### Data
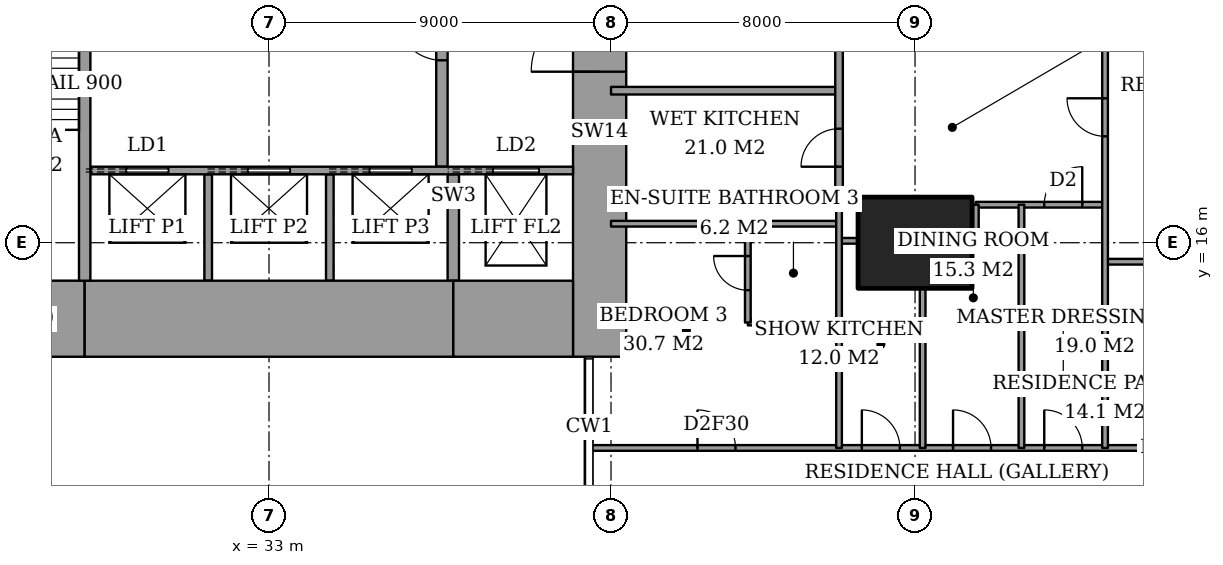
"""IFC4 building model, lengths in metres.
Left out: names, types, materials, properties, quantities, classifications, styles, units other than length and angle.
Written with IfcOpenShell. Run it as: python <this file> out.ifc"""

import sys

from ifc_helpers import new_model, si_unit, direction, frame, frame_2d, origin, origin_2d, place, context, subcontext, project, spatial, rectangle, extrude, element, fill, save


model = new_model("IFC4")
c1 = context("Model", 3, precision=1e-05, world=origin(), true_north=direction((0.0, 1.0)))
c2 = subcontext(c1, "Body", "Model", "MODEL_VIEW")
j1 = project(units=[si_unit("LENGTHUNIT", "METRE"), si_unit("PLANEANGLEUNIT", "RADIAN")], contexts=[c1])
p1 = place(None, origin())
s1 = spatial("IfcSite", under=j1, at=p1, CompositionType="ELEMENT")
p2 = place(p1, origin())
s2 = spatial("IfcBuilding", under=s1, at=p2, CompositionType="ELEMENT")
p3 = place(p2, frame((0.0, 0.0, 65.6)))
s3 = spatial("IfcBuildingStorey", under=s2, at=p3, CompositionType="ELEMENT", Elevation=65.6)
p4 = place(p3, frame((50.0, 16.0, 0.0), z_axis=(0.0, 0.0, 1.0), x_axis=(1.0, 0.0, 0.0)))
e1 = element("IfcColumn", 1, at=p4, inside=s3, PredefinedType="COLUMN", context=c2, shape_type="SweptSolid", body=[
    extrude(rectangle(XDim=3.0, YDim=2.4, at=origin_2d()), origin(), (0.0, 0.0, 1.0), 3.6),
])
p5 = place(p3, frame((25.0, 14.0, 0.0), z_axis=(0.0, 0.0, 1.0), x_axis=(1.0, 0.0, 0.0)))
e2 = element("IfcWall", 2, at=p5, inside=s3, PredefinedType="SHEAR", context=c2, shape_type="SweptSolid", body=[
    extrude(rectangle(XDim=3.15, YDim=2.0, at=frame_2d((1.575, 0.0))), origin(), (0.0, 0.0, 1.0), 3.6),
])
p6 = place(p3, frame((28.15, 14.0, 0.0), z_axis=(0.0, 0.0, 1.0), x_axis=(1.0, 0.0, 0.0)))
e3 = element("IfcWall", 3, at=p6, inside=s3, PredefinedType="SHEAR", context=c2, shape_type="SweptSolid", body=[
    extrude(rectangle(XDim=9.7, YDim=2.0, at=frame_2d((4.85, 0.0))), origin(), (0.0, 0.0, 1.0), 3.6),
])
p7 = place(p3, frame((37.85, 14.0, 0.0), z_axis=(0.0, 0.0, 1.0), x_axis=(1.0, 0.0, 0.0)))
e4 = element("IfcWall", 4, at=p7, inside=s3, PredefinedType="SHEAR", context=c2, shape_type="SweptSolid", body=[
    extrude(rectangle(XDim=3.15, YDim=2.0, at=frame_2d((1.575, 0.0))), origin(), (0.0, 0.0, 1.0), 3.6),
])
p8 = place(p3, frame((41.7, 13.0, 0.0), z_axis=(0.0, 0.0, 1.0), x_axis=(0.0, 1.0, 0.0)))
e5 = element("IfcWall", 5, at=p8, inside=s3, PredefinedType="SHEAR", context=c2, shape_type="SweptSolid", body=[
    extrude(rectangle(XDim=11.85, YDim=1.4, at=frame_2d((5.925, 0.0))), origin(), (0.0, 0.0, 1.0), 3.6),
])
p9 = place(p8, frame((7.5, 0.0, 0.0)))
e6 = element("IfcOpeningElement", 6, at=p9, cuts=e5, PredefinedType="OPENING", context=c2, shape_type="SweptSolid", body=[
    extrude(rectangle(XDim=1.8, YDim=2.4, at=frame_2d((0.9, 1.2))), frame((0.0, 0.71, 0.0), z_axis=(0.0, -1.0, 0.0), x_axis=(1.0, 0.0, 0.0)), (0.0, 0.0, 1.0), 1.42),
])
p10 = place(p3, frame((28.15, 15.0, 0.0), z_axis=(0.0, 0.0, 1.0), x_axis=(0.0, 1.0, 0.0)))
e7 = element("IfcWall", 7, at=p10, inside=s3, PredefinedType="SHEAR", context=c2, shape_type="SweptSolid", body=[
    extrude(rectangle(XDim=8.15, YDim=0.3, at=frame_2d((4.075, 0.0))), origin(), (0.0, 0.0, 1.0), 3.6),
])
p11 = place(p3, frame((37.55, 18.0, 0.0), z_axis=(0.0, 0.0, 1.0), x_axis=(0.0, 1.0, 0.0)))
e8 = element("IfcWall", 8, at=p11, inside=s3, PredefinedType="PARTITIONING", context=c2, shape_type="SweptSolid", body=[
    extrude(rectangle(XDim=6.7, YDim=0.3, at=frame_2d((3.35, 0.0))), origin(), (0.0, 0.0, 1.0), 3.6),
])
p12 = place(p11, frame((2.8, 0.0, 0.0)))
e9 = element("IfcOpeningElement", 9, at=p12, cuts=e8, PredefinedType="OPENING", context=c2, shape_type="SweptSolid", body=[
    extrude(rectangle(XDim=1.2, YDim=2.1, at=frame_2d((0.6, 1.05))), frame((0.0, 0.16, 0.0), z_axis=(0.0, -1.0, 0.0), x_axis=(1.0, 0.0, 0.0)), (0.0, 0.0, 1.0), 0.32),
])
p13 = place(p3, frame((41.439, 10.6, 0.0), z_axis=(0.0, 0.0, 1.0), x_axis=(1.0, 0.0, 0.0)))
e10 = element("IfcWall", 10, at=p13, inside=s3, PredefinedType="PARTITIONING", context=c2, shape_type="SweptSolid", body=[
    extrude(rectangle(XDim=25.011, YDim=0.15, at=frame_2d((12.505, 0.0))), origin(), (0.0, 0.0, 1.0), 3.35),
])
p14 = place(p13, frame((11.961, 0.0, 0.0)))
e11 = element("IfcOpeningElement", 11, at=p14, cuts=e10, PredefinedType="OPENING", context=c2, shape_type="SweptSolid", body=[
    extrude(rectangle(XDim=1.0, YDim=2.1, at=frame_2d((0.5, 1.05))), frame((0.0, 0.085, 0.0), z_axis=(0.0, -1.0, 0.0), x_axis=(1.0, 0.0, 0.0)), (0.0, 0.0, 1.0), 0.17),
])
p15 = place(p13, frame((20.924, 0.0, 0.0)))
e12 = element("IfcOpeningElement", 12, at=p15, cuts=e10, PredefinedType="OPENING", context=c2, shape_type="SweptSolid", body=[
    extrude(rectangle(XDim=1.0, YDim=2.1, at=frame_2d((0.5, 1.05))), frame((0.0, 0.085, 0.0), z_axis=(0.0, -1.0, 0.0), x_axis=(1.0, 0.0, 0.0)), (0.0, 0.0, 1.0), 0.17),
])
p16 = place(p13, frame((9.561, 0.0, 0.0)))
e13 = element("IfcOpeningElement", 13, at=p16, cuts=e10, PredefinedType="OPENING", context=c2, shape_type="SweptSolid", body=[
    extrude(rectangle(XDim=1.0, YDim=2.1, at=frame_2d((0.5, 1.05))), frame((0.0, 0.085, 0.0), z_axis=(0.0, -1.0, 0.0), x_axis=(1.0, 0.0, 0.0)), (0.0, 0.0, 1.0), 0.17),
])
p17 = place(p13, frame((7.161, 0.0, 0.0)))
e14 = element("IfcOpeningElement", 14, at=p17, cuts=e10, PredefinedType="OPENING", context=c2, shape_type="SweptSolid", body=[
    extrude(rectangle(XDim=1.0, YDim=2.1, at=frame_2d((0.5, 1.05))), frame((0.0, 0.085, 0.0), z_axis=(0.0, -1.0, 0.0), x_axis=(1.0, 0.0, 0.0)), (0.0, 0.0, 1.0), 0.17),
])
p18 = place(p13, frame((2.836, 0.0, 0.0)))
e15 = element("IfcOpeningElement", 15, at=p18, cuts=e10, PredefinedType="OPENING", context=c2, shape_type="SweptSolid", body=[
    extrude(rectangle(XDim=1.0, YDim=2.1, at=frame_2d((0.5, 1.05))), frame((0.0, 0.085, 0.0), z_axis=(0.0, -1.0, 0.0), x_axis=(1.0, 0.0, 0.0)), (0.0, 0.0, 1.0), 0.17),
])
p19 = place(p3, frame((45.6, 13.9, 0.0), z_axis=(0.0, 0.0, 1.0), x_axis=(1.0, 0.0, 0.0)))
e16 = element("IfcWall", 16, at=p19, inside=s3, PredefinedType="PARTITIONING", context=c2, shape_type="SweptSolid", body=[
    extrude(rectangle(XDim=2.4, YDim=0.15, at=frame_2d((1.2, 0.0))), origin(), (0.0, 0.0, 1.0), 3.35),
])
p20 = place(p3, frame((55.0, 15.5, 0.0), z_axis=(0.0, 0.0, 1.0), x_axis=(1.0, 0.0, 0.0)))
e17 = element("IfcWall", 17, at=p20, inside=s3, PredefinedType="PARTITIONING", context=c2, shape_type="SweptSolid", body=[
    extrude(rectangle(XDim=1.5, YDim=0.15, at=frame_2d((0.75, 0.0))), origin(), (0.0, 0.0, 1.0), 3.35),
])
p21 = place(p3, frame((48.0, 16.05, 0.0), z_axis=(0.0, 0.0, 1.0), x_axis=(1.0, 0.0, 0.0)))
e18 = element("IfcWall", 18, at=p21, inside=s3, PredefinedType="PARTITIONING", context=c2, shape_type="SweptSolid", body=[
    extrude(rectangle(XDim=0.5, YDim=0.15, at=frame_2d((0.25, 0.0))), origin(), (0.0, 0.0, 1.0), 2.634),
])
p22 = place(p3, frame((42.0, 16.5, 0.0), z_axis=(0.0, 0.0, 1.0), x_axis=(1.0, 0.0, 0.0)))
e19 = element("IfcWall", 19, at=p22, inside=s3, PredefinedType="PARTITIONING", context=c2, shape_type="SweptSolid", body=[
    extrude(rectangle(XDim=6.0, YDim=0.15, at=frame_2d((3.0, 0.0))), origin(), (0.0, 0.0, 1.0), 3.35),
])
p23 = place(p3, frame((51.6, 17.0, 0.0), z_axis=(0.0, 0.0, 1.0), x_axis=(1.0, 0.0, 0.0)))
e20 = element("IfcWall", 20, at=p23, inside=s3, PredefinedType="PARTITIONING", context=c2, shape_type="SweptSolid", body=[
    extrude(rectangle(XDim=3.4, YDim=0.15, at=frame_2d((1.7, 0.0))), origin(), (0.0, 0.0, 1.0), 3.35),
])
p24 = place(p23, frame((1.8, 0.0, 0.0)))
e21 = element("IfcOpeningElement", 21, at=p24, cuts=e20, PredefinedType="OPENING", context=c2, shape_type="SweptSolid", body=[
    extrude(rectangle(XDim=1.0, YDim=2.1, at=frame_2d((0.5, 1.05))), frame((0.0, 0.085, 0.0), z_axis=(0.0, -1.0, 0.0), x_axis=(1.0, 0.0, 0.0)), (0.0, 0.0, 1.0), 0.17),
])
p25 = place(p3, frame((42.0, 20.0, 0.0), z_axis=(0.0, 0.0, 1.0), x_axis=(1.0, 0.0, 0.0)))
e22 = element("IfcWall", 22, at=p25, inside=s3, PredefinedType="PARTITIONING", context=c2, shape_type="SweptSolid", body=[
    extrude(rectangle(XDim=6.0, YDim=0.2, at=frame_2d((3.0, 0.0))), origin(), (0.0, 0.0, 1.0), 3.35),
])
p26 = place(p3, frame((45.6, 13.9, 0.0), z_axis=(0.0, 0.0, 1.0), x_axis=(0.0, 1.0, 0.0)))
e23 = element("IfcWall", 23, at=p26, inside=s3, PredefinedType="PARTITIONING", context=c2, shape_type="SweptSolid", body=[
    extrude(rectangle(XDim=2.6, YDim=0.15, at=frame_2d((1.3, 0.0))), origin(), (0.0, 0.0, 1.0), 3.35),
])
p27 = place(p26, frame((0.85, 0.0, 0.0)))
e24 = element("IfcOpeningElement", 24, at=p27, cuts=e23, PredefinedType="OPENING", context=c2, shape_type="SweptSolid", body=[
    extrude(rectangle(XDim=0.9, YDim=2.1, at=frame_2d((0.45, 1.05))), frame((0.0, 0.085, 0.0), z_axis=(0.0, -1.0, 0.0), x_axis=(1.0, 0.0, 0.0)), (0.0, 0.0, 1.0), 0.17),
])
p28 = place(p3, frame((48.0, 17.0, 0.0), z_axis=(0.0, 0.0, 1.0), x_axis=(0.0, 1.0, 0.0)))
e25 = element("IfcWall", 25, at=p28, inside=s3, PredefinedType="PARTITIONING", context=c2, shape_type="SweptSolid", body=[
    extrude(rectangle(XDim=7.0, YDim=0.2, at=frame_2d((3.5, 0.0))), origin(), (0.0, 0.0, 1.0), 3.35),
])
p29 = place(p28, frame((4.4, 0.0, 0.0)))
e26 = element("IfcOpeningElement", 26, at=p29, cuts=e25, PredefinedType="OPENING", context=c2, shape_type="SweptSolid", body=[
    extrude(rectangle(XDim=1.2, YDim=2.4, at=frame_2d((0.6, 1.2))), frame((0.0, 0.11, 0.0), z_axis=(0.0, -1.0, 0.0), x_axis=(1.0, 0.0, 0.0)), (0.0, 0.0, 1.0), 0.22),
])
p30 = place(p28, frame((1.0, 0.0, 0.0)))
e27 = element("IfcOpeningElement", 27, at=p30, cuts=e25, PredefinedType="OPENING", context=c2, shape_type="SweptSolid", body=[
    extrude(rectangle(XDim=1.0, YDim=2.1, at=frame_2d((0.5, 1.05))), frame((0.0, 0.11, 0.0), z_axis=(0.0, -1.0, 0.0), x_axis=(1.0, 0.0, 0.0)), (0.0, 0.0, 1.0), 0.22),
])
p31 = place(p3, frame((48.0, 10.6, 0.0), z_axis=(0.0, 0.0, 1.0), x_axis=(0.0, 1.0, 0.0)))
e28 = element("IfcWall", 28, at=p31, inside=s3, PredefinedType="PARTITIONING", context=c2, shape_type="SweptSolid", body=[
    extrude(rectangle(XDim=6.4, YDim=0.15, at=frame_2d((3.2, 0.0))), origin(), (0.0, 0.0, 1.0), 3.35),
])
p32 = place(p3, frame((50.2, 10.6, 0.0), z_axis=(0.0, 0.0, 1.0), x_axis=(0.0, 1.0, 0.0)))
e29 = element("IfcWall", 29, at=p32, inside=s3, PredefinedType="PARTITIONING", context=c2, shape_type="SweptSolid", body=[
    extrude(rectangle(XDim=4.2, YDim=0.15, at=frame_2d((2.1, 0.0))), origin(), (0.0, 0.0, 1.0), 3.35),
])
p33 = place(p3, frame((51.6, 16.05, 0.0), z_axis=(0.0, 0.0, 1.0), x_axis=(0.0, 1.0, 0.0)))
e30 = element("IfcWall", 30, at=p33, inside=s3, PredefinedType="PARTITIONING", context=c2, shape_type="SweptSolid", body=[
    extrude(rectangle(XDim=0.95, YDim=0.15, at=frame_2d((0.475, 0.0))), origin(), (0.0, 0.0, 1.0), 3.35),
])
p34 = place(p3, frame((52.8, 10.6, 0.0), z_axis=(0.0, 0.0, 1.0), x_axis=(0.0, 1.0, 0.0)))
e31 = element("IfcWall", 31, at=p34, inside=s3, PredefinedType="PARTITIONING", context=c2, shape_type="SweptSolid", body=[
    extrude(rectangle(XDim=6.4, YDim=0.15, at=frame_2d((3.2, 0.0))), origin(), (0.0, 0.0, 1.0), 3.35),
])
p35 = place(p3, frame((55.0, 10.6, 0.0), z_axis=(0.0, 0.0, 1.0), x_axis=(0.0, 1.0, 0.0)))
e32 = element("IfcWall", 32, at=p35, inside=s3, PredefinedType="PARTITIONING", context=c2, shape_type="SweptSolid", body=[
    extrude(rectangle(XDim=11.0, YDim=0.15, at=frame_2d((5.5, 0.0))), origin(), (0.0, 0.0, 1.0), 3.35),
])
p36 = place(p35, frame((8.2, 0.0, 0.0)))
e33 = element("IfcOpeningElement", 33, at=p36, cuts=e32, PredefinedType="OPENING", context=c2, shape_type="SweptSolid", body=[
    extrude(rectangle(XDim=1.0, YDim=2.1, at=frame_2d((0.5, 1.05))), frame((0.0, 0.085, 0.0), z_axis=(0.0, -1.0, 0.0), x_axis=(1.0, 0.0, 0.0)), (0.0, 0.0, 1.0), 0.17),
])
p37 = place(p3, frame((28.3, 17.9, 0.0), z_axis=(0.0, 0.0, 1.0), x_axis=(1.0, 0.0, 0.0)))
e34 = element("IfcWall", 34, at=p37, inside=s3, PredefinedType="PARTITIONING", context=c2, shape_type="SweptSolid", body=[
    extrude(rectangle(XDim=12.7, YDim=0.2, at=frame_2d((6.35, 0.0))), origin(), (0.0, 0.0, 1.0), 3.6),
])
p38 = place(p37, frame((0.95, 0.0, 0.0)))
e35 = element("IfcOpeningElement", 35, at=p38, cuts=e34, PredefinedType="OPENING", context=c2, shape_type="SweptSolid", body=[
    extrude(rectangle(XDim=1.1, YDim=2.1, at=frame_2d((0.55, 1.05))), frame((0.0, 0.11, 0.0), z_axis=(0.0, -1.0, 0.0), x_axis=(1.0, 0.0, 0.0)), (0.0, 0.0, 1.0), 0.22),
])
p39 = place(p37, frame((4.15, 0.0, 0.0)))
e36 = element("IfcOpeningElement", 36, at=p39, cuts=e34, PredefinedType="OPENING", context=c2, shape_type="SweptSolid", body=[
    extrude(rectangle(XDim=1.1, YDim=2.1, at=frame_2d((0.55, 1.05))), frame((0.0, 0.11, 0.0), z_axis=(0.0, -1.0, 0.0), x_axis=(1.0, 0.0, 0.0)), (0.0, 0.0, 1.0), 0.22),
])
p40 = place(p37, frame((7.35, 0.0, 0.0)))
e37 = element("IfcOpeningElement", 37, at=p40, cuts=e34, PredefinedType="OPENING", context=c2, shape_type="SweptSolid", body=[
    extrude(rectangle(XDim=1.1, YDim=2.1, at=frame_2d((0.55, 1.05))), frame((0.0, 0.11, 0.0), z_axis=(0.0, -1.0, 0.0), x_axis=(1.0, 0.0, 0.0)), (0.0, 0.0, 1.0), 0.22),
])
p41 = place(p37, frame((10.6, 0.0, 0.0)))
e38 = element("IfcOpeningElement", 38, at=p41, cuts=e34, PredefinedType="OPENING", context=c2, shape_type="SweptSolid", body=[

### Try it
Copy every line in the listing above where the string "import" turns up.

### Final answer
import sys
from ifc_helpers import new_model, si_unit, direction, frame, frame_2d, origin, origin_2d, place, context, subcontext, project, spatial, rectangle, extrude, element, fill, save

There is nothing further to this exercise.